Recorded data
=======

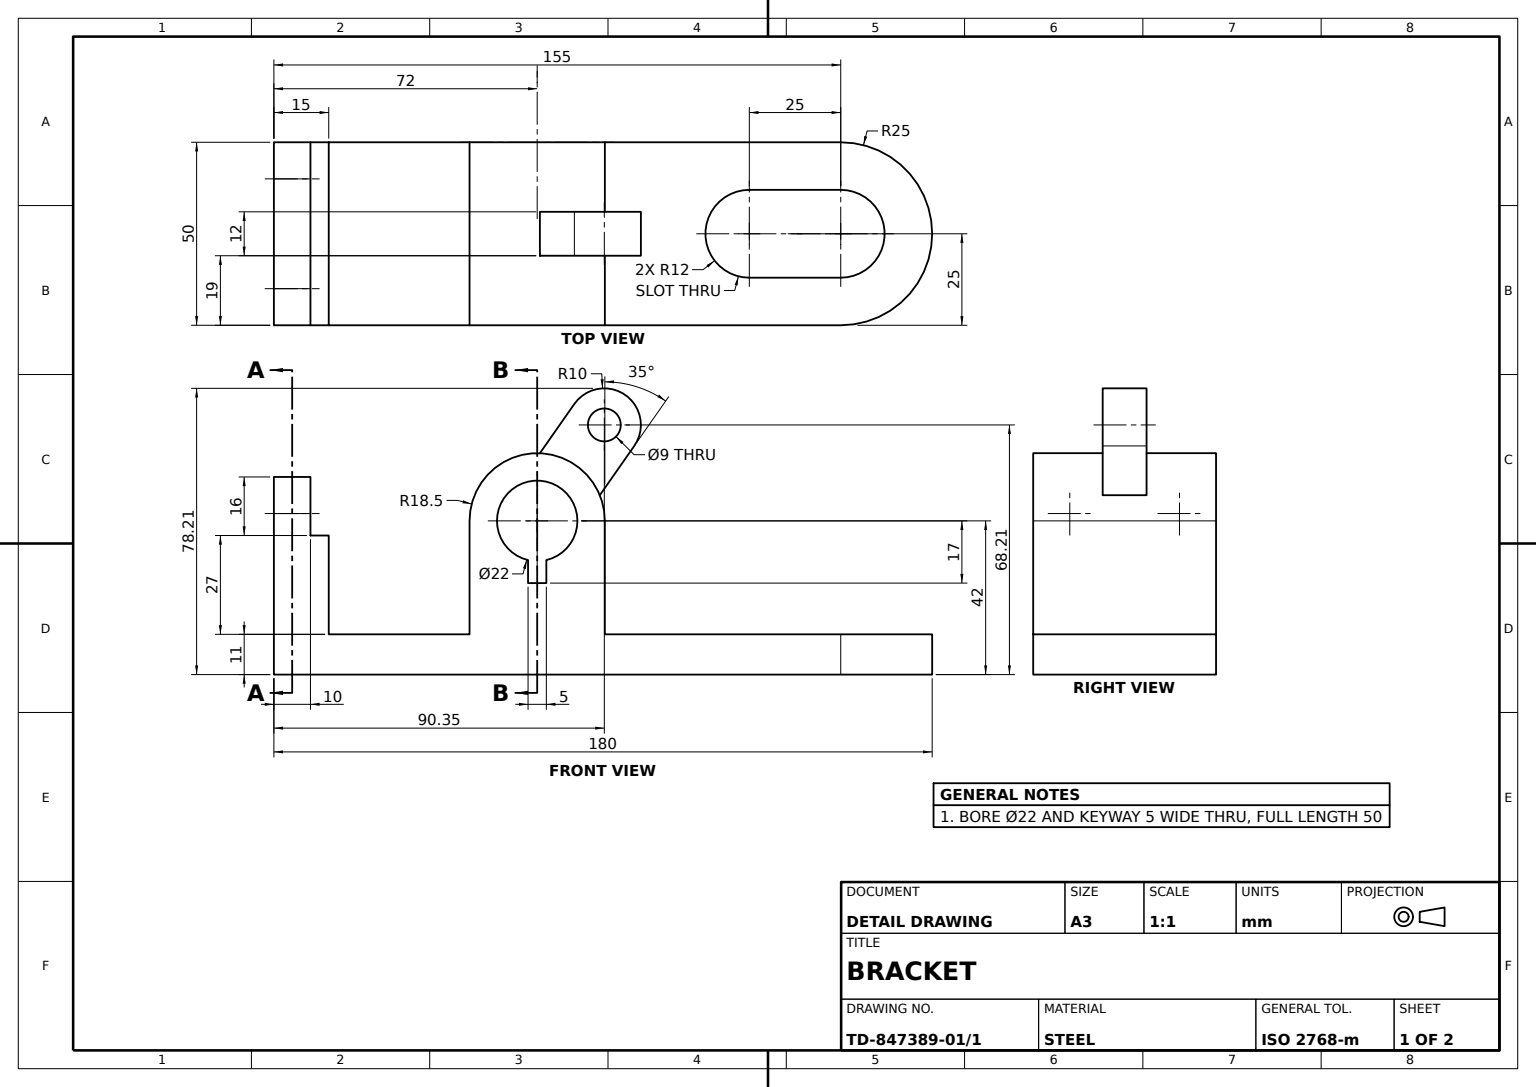
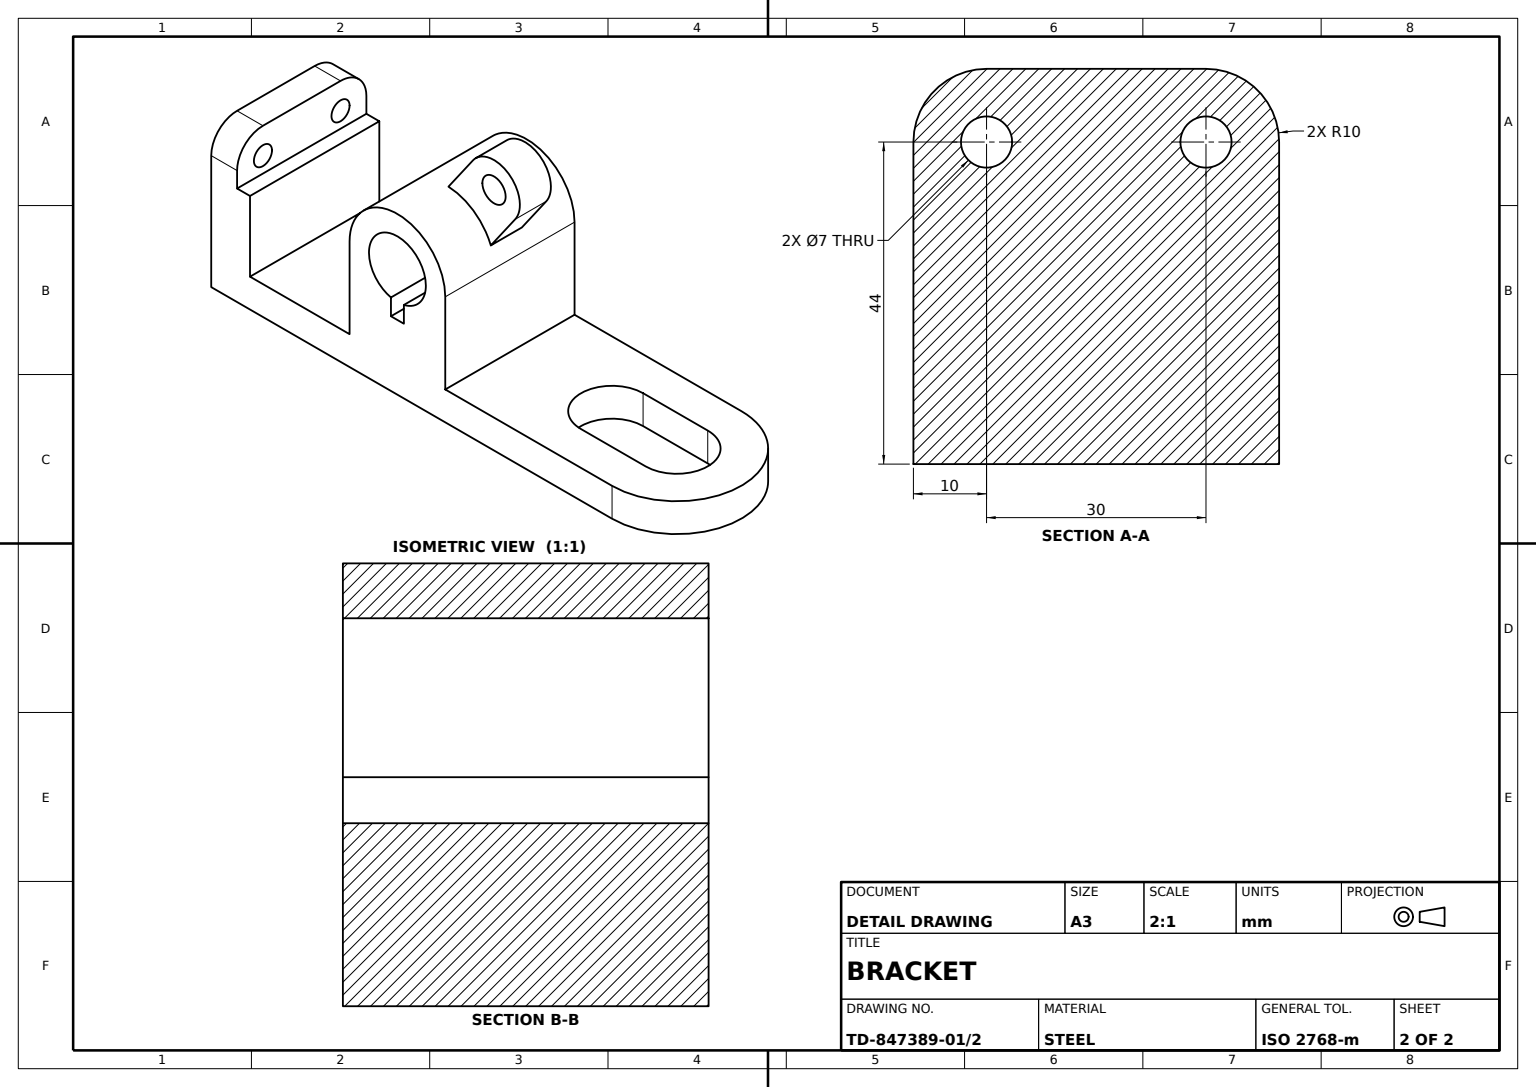
from build123d import *

# Parameters (mm, degrees)
BASE_PLATE_11MM_DEPTH   = 11
CHANNEL_CUT_12X25_DEPTH = 102
BORE_BLOCK_DEPTH        = 50
KEYED_BORE_11_DEPTH     = 68
ANGLED_LUG_DEPTH        = 6
LUG_HOLE_SKETCH_R       = 4.5
LUG_HOLE_9_DEPTH        = 20
END_LUG_SKETCH_W        = 15
END_LUG_SKETCH_H        = 50
END_LUG_DEPTH           = 27
END_LUG_TIP_SKETCH_W    = 10
END_LUG_TIP_SKETCH_H    = 50
END_LUG_TIP_DEPTH       = 16
END_LUG_ROUND_R10_A_R   = 10
END_LUG_ROUND_R10_B_R   = 10
END_LUG_CUT_SKETCH_R    = 3.5
END_LUG_CUT_7_DEPTH     = 16


with BuildPart() as part:
    # Base Plate Sketch → Base Plate 11mm (new body)
    with BuildSketch(Plane(origin=(0, 0, 0), x_dir=(1, 0, 0), z_dir=(0, 1, 0))):
        with BuildLine():
            Line((77.5, -25), (-77.5, -25))
            Line((-77.5, -25), (-77.5, 25))
            Line((-77.5, 25), (77.5, 25))
            ThreePointArc((77.5, 25), (102.5, 0), (77.5, -25))
        make_face()
    extrude(amount=BASE_PLATE_11MM_DEPTH)

    # Channel Cut Sketch → Channel Cut 12x25 (cut)
    with BuildSketch(Plane(origin=(0, 11, 0), x_dir=(1, 0, 0), z_dir=(0, 1, 0))):
        with BuildLine():
            Line((52.5, 12), (77.5, 12))
            ThreePointArc((77.5, 12), (89.5, 0), (77.5, -12))
            Line((77.5, -12), (52.5, -12))
            ThreePointArc((52.5, -12), (40.5, 0), (52.5, 12))
        make_face()
    extrude(amount=-CHANNEL_CUT_12X25_DEPTH, mode=Mode.SUBTRACT)

    # Bore Block Sketch → Bore Block (add)
    with BuildSketch(Plane.XY.offset(25)):
        with BuildLine():
            Line((-24, 11), (13, 11))
            Line((13, 11), (13, 42))
            ThreePointArc((13, 42), (-5.5, 60.5), (-24, 42))
            Line((-24, 42), (-24, 11))
        make_face()
    extrude(amount=-BORE_BLOCK_DEPTH)

    # Keyed Bore Sketch → Keyed Bore Ø11 (cut)
    with BuildSketch(Plane.XY.offset(25)):
        with BuildLine():
            Line((-5.5, 25), (-3, 25))
            Line((-3, 25), (-3, 31.287857357))
            ThreePointArc((-3, 31.287857357), (-5.5, 53), (-8, 31.287857357))
            Line((-8, 31.287857357), (-8, 25))
            Line((-8, 25), (-5.5, 25))
        make_face()
    extrude(amount=-KEYED_BORE_11_DEPTH, mode=Mode.SUBTRACT)

    # Angled Lug Sketch → Angled Lug (add, symmetric)
    with BuildSketch(Plane.XY):
        with BuildLine():
            Line((11.618883443, 49.013831311), (21.045966406, 62.477101054))
            ThreePointArc((21.045966406, 62.477101054), (18.590210327, 76.40438586), (4.66292552, 73.948629781))
            Line((4.66292552, 73.948629781), (-4.764157443, 60.485360038))
            ThreePointArc((-4.764157443, 60.485360038), (5.111164072, 57.154312819), (11.618883443, 49.013831311))
        make_face()
    extrude(amount=ANGLED_LUG_DEPTH, both=True)

    # Lug Hole Sketch → Lug Hole Ø9 (cut)
    with BuildSketch(Plane.XY.offset(6)):
        with Locations((12.854445963, 68.212865417)):
            Circle(LUG_HOLE_SKETCH_R)
    extrude(amount=-LUG_HOLE_9_DEPTH, mode=Mode.SUBTRACT)

    # End Lug Sketch → End Lug (add)
    with BuildSketch(Plane(origin=(0, 11, 0), x_dir=(1, 0, 0), z_dir=(0, 1, 0))):
        with Locations((-70, 0)):
            Rectangle(END_LUG_SKETCH_W, END_LUG_SKETCH_H)
    extrude(amount=END_LUG_DEPTH)

    # End Lug Tip Sketch → End Lug Tip (add)
    with BuildSketch(Plane(origin=(0, 38, 0), x_dir=(1, 0, 0), z_dir=(0, 1, 0))):
        with Locations((-72.5, 0)):
            Rectangle(END_LUG_TIP_SKETCH_W, END_LUG_TIP_SKETCH_H)
    extrude(amount=END_LUG_TIP_DEPTH)

    # End Lug Round R10 A
    end_lug_round_r10_a_edges = [part.edges().sort_by_distance(p)[0] for p in [
        (-72.5, 54, 25),
    ]]
    fillet(end_lug_round_r10_a_edges, radius=END_LUG_ROUND_R10_A_R)

    # End Lug Round R10 B
    end_lug_round_r10_b_edges = [part.edges().sort_by_distance(p)[0] for p in [
        (-72.5, 54, -25),
    ]]
    fillet(end_lug_round_r10_b_edges, radius=END_LUG_ROUND_R10_B_R)

    # End Lug Cut Sketch → End Lug Cut Ø7 (cut)
    with BuildSketch(Plane.ZY.offset(77.5)):
        with Locations((15, 44)):
            Circle(END_LUG_CUT_SKETCH_R)
        with Locations((-15, 44)):
            Circle(END_LUG_CUT_SKETCH_R)
    extrude(amount=-END_LUG_CUT_7_DEPTH, mode=Mode.SUBTRACT)


solid = part.part

=======

• **Exercise**
Write out all the records again, exactly, minus any pictures.

• **Answer for this exercise**
from build123d import *

# Parameters (mm, degrees)
BASE_PLATE_11MM_DEPTH   = 11
CHANNEL_CUT_12X25_DEPTH = 102
BORE_BLOCK_DEPTH        = 50
KEYED_BORE_11_DEPTH     = 68
ANGLED_LUG_DEPTH        = 6
LUG_HOLE_SKETCH_R       = 4.5
LUG_HOLE_9_DEPTH        = 20
END_LUG_SKETCH_W        = 15
END_LUG_SKETCH_H        = 50
END_LUG_DEPTH           = 27
END_LUG_TIP_SKETCH_W    = 10
END_LUG_TIP_SKETCH_H    = 50
END_LUG_TIP_DEPTH       = 16
END_LUG_ROUND_R10_A_R   = 10
END_LUG_ROUND_R10_B_R   = 10
END_LUG_CUT_SKETCH_R    = 3.5
END_LUG_CUT_7_DEPTH     = 16


with BuildPart() as part:
    # Base Plate Sketch → Base Plate 11mm (new body)
    with BuildSketch(Plane(origin=(0, 0, 0), x_dir=(1, 0, 0), z_dir=(0, 1, 0))):
        with BuildLine():
            Line((77.5, -25), (-77.5, -25))
            Line((-77.5, -25), (-77.5, 25))
            Line((-77.5, 25), (77.5, 25))
            ThreePointArc((77.5, 25), (102.5, 0), (77.5, -25))
        make_face()
    extrude(amount=BASE_PLATE_11MM_DEPTH)

    # Channel Cut Sketch → Channel Cut 12x25 (cut)
    with BuildSketch(Plane(origin=(0, 11, 0), x_dir=(1, 0, 0), z_dir=(0, 1, 0))):
        with BuildLine():
            Line((52.5, 12), (77.5, 12))
            ThreePointArc((77.5, 12), (89.5, 0), (77.5, -12))
            Line((77.5, -12), (52.5, -12))
            ThreePointArc((52.5, -12), (40.5, 0), (52.5, 12))
        make_face()
    extrude(amount=-CHANNEL_CUT_12X25_DEPTH, mode=Mode.SUBTRACT)

    # Bore Block Sketch → Bore Block (add)
    with BuildSketch(Plane.XY.offset(25)):
        with BuildLine():
            Line((-24, 11), (13, 11))
            Line((13, 11), (13, 42))
            ThreePointArc((13, 42), (-5.5, 60.5), (-24, 42))
            Line((-24, 42), (-24, 11))
        make_face()
    extrude(amount=-BORE_BLOCK_DEPTH)

    # Keyed Bore Sketch → Keyed Bore Ø11 (cut)
    with BuildSketch(Plane.XY.offset(25)):
        with BuildLine():
            Line((-5.5, 25), (-3, 25))
            Line((-3, 25), (-3, 31.287857357))
            ThreePointArc((-3, 31.287857357), (-5.5, 53), (-8, 31.287857357))
            Line((-8, 31.287857357), (-8, 25))
            Line((-8, 25), (-5.5, 25))
        make_face()
    extrude(amount=-KEYED_BORE_11_DEPTH, mode=Mode.SUBTRACT)

    # Angled Lug Sketch → Angled Lug (add, symmetric)
    with BuildSketch(Plane.XY):
        with BuildLine():
            Line((11.618883443, 49.013831311), (21.045966406, 62.477101054))
            ThreePointArc((21.045966406, 62.477101054), (18.590210327, 76.40438586), (4.66292552, 73.948629781))
            Line((4.66292552, 73.948629781), (-4.764157443, 60.485360038))
            ThreePointArc((-4.764157443, 60.485360038), (5.111164072, 57.154312819), (11.618883443, 49.013831311))
        make_face()
    extrude(amount=ANGLED_LUG_DEPTH, both=True)

    # Lug Hole Sketch → Lug Hole Ø9 (cut)
    with BuildSketch(Plane.XY.offset(6)):
        with Locations((12.854445963, 68.212865417)):
            Circle(LUG_HOLE_SKETCH_R)
    extrude(amount=-LUG_HOLE_9_DEPTH, mode=Mode.SUBTRACT)

    # End Lug Sketch → End Lug (add)
    with BuildSketch(Plane(origin=(0, 11, 0), x_dir=(1, 0, 0), z_dir=(0, 1, 0))):
        with Locations((-70, 0)):
            Rectangle(END_LUG_SKETCH_W, END_LUG_SKETCH_H)
    extrude(amount=END_LUG_DEPTH)

    # End Lug Tip Sketch → End Lug Tip (add)
    with BuildSketch(Plane(origin=(0, 38, 0), x_dir=(1, 0, 0), z_dir=(0, 1, 0))):
        with Locations((-72.5, 0)):
            Rectangle(END_LUG_TIP_SKETCH_W, END_LUG_TIP_SKETCH_H)
    extrude(amount=END_LUG_TIP_DEPTH)

    # End Lug Round R10 A
    end_lug_round_r10_a_edges = [part.edges().sort_by_distance(p)[0] for p in [
        (-72.5, 54, 25),
    ]]
    fillet(end_lug_round_r10_a_edges, radius=END_LUG_ROUND_R10_A_R)

    # End Lug Round R10 B
    end_lug_round_r10_b_edges = [part.edges().sort_by_distance(p)[0] for p in [
        (-72.5, 54, -25),
    ]]
    fillet(end_lug_round_r10_b_edges, radius=END_LUG_ROUND_R10_B_R)

    # End Lug Cut Sketch → End Lug Cut Ø7 (cut)
    with BuildSketch(Plane.ZY.offset(77.5)):
        with Locations((15, 44)):
            Circle(END_LUG_CUT_SKETCH_R)
        with Locations((-15, 44)):
            Circle(END_LUG_CUT_SKETCH_R)
    extrude(amount=-END_LUG_CUT_7_DEPTH, mode=Mode.SUBTRACT)


solid = part.part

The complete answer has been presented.